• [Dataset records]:

______

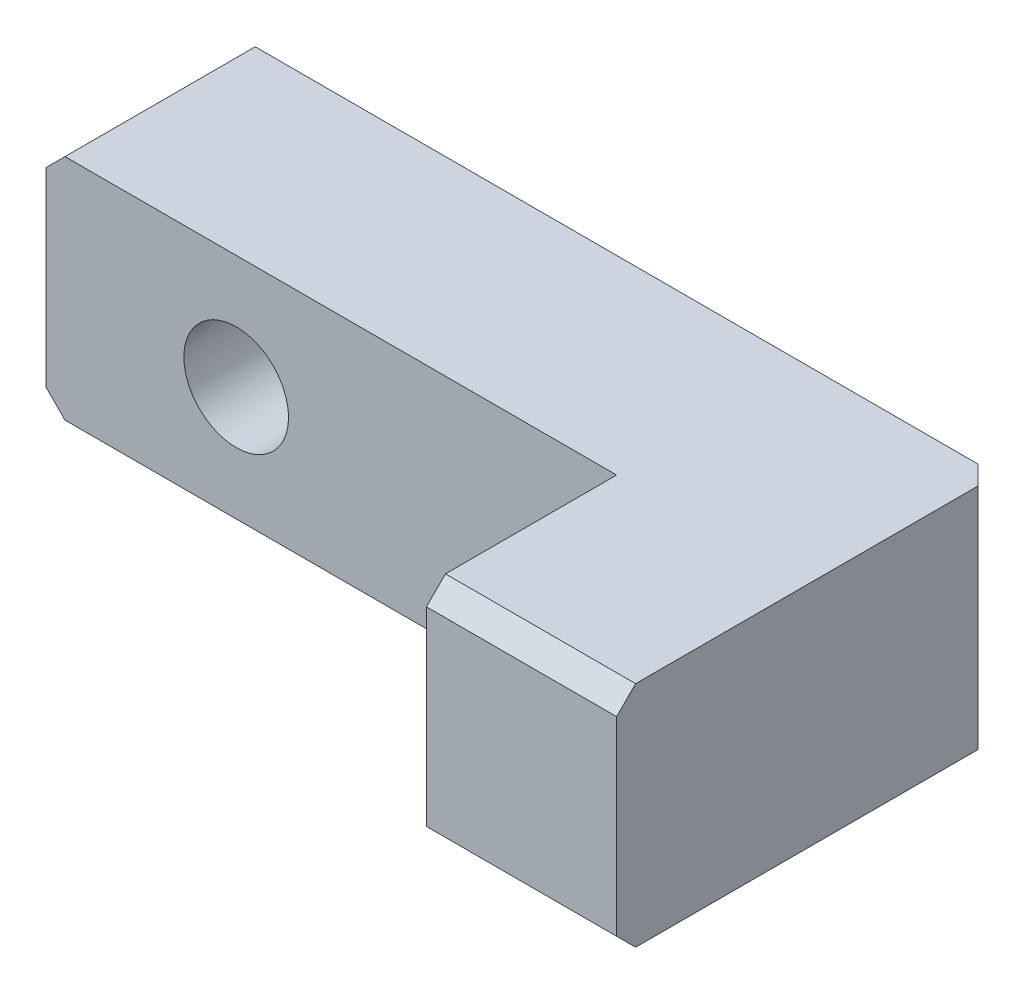
SolidWorks part; units mm, degrees
material "A6061"
ref_plane "前基準面" through (0, 0, 0) normal (0, 0, 1) x (1, 0, 0)
ref_plane "上基準面" through (0, 0, 0) normal (0, 1, 0) x (1, 0, 0)
ref_plane "右基準面" through (0, 0, 0) normal (1, 0, 0) x (0, 0, -1)
sketch "草图1" plane through (0, 0, 0) normal (0, 1, 0) x (1, 0, 0)
  line L1 (-20, -10) -> (20, -10)
  line L2 (-20, -10) -> (-20, 10)
  line L3 (-20, 10) -> (20, 10)
  line L4 (20, -10) -> (20, 10)
  line L5 (-20, -10) -> (20, 10) construction
  line L6 (-20, 10) -> (20, -10) construction
  point P0 (0, 0)
  dimension "D1" = 40
  dimension "D2" = 20
extrude "凸台-拉伸1" add sketch "草图1" along normal mid plane 12
sketch "草图2" plane through (0, 6, 0) normal (0, 1, 0) x (1, 0, 0)
  line L0 (20, 10) -> (-20, 10) construction
  line L1 (-20, -10) -> (10, -10)
  line L2 (-20, -10) -> (-20, 0)
  line L3 (-20, 0) -> (10, 0)
  line L4 (10, -10) -> (10, 0)
  line L5 (20, -10) -> (20, 10) construction
  dimension "D1" = 10
  dimension "D2" = 10
extrude "切除-拉伸1" cut sketch "草图2" against normal up to surface (12 mm away) up to face at (0, -6, 0)
hole_wizard "打孔尺寸(%根据)内六角圆柱头螺钉的类型1" positions "草图3" profile "草图4" counterbore size "M5" standard "GB" end condition through all
sketch "草图3" plane through (0, 0, -10) normal (0, 0, -1) x (-1, 0, 0)
  line L0 (-10, -6) -> (-10, 6) construction
  point P0 (10, 0)
  dimension "D1" = 20
sketch "草图4" plane through (-10, 0, -10) normal (1, 0, 0) x (0, 1, 0)
  line L0 (0, 0) -> (0, 20)
  line L1 (0, 20) -> (2.75, 20)
  line L3 (2.75, 20) -> (2.75, 5.7)
  line L4 (2.75, 5.7) -> (5, 5.7)
  line L5 (5, 5.7) -> (5, 0)
  line L7 (5, 0) -> (0, 0)
  line L11 (0, -6.35) -> (0, 107.95) construction
  dimension "通孔孔直径" = 5.5
  dimension "通孔孔深度" = 20
  dimension "柱形沉头孔直径" = 10
  dimension "柱形沉头孔深度" = 5.7
chamfer "倒角1" distance 1 angle 45 5 edges at (15, 6, 10) (15, -6, 10) (20, 0, -10) (-20, 6, -5) (-20, -6, -5)

______

• [What the task asks]: Please return the records above exactly as written, dropping every picture.

• [Response for this exercise]:
SolidWorks part; units mm, degrees
material "A6061"
ref_plane "前基準面" through (0, 0, 0) normal (0, 0, 1) x (1, 0, 0)
ref_plane "上基準面" through (0, 0, 0) normal (0, 1, 0) x (1, 0, 0)
ref_plane "右基準面" through (0, 0, 0) normal (1, 0, 0) x (0, 0, -1)
sketch "草图1" plane through (0, 0, 0) normal (0, 1, 0) x (1, 0, 0)
  line L1 (-20, -10) -> (20, -10)
  line L2 (-20, -10) -> (-20, 10)
  line L3 (-20, 10) -> (20, 10)
  line L4 (20, -10) -> (20, 10)
  line L5 (-20, -10) -> (20, 10) construction
  line L6 (-20, 10) -> (20, -10) construction
  point P0 (0, 0)
  dimension "D1" = 40
  dimension "D2" = 20
extrude "凸台-拉伸1" add sketch "草图1" along normal mid plane 12
sketch "草图2" plane through (0, 6, 0) normal (0, 1, 0) x (1, 0, 0)
  line L0 (20, 10) -> (-20, 10) construction
  line L1 (-20, -10) -> (10, -10)
  line L2 (-20, -10) -> (-20, 0)
  line L3 (-20, 0) -> (10, 0)
  line L4 (10, -10) -> (10, 0)
  line L5 (20, -10) -> (20, 10) construction
  dimension "D1" = 10
  dimension "D2" = 10
extrude "切除-拉伸1" cut sketch "草图2" against normal up to surface (12 mm away) up to face at (0, -6, 0)
hole_wizard "打孔尺寸(%根据)内六角圆柱头螺钉的类型1" positions "草图3" profile "草图4" counterbore size "M5" standard "GB" end condition through all
sketch "草图3" plane through (0, 0, -10) normal (0, 0, -1) x (-1, 0, 0)
  line L0 (-10, -6) -> (-10, 6) construction
  point P0 (10, 0)
  dimension "D1" = 20
sketch "草图4" plane through (-10, 0, -10) normal (1, 0, 0) x (0, 1, 0)
  line L0 (0, 0) -> (0, 20)
  line L1 (0, 20) -> (2.75, 20)
  line L3 (2.75, 20) -> (2.75, 5.7)
  line L4 (2.75, 5.7) -> (5, 5.7)
  line L5 (5, 5.7) -> (5, 0)
  line L7 (5, 0) -> (0, 0)
  line L11 (0, -6.35) -> (0, 107.95) construction
  dimension "通孔孔直径" = 5.5
  dimension "通孔孔深度" = 20
  dimension "柱形沉头孔直径" = 10
  dimension "柱形沉头孔深度" = 5.7
chamfer "倒角1" distance 1 angle 45 5 edges at (15, 6, 10) (15, -6, 10) (20, 0, -10) (-20, 6, -5) (-20, -6, -5)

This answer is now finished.